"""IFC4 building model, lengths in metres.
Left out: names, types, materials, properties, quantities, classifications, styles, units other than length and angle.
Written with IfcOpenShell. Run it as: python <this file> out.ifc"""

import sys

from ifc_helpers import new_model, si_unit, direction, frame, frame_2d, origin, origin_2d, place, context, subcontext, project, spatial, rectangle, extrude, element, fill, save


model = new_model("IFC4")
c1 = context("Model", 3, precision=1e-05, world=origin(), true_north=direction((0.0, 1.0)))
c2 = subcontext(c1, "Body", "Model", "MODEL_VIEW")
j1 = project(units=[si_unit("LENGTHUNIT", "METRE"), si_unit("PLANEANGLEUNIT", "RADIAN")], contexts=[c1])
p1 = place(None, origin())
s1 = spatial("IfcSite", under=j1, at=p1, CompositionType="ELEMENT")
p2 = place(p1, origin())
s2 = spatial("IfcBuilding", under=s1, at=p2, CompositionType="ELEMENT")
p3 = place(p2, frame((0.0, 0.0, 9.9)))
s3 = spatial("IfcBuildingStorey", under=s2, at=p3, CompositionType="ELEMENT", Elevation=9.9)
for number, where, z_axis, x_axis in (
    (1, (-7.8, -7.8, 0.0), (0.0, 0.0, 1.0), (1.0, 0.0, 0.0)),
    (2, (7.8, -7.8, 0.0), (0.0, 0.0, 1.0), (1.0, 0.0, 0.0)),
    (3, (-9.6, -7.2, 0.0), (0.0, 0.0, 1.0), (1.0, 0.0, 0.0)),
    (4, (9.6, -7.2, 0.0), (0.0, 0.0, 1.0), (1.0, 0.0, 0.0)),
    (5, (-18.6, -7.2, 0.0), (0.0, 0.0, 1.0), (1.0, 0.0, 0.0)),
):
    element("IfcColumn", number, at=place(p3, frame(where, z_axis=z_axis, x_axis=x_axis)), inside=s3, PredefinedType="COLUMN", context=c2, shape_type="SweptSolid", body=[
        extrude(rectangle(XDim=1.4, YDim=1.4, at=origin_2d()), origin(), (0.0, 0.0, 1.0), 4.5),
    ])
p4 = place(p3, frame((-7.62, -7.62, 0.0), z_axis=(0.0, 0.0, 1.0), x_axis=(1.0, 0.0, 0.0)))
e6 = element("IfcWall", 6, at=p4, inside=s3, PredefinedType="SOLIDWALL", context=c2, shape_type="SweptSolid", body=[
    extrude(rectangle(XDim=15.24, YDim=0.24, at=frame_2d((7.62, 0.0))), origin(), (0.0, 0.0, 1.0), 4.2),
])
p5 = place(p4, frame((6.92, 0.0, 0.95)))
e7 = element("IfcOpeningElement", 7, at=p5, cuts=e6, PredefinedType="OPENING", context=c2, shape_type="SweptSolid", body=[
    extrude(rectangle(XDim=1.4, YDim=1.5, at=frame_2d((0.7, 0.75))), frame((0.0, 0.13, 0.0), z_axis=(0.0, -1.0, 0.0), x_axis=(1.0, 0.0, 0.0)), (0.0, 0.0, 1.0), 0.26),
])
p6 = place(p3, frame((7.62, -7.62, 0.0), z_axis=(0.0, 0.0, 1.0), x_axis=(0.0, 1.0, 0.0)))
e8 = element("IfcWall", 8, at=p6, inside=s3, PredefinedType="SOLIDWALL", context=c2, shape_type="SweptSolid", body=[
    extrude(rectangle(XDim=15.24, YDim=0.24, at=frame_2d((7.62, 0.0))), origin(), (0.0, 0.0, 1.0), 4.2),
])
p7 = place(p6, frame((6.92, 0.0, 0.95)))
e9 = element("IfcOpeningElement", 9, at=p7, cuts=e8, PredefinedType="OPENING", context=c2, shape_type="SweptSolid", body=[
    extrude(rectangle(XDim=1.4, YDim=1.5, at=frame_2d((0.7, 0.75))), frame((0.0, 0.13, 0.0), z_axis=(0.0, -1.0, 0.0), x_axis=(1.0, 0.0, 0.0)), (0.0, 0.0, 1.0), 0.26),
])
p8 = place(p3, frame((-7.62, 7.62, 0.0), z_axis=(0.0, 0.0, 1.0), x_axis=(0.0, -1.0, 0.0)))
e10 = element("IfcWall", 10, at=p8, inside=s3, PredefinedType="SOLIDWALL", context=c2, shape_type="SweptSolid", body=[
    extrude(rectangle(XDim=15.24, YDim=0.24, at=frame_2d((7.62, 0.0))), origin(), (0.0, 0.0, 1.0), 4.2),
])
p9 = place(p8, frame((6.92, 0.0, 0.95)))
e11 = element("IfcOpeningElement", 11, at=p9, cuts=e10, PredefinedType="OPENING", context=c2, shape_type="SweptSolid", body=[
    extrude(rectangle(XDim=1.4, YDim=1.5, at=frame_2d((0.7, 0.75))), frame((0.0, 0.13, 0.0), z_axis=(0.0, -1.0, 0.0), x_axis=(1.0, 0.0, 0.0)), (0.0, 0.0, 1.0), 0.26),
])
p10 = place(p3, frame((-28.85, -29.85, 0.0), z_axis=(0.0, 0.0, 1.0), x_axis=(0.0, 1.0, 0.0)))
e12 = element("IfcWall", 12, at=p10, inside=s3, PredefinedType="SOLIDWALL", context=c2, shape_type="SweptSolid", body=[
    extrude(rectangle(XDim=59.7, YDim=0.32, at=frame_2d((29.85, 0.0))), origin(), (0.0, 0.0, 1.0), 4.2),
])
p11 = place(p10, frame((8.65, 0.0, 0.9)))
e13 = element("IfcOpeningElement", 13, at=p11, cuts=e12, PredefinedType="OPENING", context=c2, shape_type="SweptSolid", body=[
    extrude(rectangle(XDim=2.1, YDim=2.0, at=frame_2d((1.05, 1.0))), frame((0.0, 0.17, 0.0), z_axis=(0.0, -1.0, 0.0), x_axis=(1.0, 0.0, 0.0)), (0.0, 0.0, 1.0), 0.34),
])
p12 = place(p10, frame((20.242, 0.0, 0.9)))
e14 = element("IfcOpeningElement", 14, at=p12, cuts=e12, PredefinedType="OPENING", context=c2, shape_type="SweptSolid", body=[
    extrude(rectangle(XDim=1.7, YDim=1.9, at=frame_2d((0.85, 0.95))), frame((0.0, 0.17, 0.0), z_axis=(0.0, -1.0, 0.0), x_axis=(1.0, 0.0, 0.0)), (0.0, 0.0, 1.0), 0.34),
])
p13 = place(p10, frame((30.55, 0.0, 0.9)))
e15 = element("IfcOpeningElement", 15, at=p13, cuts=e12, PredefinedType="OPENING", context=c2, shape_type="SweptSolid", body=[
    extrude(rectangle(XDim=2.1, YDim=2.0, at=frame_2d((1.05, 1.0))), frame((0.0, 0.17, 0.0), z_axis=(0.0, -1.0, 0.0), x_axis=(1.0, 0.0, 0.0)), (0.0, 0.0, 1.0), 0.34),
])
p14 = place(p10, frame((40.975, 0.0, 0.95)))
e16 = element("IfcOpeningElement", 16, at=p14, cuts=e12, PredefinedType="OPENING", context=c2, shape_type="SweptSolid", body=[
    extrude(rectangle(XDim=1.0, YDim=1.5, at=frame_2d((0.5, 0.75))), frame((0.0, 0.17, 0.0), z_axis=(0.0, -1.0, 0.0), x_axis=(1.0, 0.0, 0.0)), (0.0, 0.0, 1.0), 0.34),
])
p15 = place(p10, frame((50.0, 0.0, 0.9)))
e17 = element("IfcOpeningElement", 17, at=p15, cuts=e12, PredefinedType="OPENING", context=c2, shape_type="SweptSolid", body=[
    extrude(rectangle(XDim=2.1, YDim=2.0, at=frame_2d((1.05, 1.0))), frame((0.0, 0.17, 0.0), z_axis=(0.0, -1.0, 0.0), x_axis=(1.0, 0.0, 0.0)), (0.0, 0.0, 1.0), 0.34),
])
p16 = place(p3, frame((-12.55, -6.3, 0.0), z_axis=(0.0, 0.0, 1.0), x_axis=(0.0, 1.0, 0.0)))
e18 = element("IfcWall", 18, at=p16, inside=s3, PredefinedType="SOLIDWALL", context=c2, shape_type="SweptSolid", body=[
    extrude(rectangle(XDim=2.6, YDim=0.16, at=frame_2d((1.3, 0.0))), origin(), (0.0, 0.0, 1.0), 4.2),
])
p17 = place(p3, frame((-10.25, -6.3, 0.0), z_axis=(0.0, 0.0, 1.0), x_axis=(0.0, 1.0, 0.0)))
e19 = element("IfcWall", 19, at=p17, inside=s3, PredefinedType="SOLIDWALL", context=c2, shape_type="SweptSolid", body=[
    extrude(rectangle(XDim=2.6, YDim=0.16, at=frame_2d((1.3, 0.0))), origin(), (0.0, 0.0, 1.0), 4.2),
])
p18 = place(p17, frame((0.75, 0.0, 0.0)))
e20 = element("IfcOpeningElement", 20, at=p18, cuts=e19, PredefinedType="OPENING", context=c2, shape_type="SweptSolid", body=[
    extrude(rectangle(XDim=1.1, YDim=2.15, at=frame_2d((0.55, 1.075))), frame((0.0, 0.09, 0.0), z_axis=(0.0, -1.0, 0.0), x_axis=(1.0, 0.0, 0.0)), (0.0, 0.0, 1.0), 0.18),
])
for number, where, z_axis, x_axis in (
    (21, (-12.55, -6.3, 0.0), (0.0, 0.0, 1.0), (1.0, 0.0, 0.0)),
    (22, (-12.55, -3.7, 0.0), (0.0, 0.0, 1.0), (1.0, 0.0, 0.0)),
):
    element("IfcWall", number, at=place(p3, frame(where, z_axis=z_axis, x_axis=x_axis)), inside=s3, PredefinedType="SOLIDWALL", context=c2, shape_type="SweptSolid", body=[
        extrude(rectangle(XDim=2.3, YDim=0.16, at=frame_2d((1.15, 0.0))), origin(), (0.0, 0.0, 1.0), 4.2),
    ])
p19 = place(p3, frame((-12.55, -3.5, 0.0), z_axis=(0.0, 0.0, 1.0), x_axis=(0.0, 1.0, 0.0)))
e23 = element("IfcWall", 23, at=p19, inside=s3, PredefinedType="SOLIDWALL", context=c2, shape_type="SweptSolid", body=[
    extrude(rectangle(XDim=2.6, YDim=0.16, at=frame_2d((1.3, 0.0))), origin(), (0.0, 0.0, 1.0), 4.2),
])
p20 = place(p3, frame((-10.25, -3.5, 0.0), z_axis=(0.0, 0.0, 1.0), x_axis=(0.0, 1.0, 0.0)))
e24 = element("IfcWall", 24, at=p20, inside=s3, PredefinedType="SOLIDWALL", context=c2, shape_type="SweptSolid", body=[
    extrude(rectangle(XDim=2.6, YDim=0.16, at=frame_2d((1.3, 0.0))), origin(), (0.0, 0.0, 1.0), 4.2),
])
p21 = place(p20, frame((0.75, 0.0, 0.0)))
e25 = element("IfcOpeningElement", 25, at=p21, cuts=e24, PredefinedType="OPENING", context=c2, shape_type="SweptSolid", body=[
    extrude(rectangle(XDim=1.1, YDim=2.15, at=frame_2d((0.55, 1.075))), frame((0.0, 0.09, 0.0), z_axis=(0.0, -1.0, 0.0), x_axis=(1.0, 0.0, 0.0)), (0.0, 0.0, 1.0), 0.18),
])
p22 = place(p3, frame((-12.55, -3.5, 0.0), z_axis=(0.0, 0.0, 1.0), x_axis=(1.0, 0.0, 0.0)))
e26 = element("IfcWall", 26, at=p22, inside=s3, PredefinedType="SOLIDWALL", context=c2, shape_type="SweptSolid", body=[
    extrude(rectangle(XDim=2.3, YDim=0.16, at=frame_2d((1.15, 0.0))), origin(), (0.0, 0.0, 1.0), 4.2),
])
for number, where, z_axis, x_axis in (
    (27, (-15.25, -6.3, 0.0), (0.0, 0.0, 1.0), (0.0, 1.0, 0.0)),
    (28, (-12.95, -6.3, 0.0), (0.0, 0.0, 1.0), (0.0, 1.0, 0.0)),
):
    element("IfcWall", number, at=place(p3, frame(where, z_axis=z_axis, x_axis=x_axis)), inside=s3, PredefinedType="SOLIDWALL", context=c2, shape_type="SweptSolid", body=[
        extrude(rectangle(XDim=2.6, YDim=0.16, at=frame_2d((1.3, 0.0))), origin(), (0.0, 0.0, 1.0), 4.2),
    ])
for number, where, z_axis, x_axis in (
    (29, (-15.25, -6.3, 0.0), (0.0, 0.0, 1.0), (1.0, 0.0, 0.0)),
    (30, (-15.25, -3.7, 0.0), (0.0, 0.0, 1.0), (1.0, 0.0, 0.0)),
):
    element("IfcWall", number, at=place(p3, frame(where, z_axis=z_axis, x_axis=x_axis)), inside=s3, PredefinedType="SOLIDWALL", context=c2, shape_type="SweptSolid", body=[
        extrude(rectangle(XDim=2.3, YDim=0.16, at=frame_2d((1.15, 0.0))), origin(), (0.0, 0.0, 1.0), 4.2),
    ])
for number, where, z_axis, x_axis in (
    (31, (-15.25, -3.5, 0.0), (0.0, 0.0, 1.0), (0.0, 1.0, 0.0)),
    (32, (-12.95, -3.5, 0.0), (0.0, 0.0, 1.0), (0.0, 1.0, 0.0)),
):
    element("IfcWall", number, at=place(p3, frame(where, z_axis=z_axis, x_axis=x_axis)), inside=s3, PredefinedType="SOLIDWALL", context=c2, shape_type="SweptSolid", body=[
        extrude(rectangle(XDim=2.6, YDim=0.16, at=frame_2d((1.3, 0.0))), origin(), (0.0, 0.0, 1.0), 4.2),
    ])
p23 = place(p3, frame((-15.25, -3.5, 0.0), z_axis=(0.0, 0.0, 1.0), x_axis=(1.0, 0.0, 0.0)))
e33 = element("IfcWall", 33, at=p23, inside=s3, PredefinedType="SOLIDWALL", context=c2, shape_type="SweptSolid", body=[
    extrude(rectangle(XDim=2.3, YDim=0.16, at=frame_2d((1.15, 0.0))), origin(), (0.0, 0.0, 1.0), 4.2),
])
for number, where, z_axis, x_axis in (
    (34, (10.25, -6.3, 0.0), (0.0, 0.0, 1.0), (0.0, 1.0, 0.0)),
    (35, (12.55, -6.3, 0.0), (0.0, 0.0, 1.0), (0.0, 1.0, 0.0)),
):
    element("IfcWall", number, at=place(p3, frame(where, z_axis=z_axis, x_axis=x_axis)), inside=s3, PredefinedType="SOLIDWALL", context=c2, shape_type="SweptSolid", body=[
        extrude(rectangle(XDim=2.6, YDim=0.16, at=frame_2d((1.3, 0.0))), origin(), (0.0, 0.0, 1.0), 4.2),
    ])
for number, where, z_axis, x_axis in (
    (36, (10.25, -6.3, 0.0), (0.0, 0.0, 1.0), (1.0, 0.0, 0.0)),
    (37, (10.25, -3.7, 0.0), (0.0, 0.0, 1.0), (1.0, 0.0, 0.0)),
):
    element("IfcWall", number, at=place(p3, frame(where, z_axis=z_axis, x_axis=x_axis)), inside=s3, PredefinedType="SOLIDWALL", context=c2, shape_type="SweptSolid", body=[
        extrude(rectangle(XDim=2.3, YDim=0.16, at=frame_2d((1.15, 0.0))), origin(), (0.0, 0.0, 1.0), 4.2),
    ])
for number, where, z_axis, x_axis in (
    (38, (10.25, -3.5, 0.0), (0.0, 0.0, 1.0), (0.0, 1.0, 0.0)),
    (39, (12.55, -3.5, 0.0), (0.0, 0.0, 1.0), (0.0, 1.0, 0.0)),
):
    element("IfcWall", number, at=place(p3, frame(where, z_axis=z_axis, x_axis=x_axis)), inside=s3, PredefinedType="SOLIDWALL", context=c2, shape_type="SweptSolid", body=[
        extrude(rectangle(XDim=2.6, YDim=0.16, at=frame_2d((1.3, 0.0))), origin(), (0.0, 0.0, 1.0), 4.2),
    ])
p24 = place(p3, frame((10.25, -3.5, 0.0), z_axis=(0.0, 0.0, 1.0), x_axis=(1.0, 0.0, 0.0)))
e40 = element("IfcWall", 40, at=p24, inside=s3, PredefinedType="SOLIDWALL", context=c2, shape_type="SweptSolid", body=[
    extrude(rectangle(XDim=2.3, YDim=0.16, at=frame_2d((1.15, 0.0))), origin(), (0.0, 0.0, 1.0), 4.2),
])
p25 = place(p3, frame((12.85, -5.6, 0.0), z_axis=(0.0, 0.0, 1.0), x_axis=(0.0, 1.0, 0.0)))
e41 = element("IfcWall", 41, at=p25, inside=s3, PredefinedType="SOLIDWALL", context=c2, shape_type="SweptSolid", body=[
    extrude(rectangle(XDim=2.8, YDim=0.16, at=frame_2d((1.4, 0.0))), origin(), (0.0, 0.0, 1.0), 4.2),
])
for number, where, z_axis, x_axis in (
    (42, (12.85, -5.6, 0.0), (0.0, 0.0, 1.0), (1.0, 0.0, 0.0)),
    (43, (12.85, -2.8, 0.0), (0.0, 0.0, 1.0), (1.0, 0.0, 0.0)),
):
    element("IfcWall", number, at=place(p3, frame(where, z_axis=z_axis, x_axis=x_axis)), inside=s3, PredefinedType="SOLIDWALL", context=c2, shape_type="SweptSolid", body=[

What is needed
Only lines that hold the string "direction" belong in the answer, so copy every one of them from the records.

Answer section
from ifc_helpers import new_model, si_unit, direction, frame, frame_2d, origin, origin_2d, place, context, subcontext, project, spatial, rectangle, extrude, element, fill, save
c1 = context("Model", 3, precision=1e-05, world=origin(), true_north=direction((0.0, 1.0)))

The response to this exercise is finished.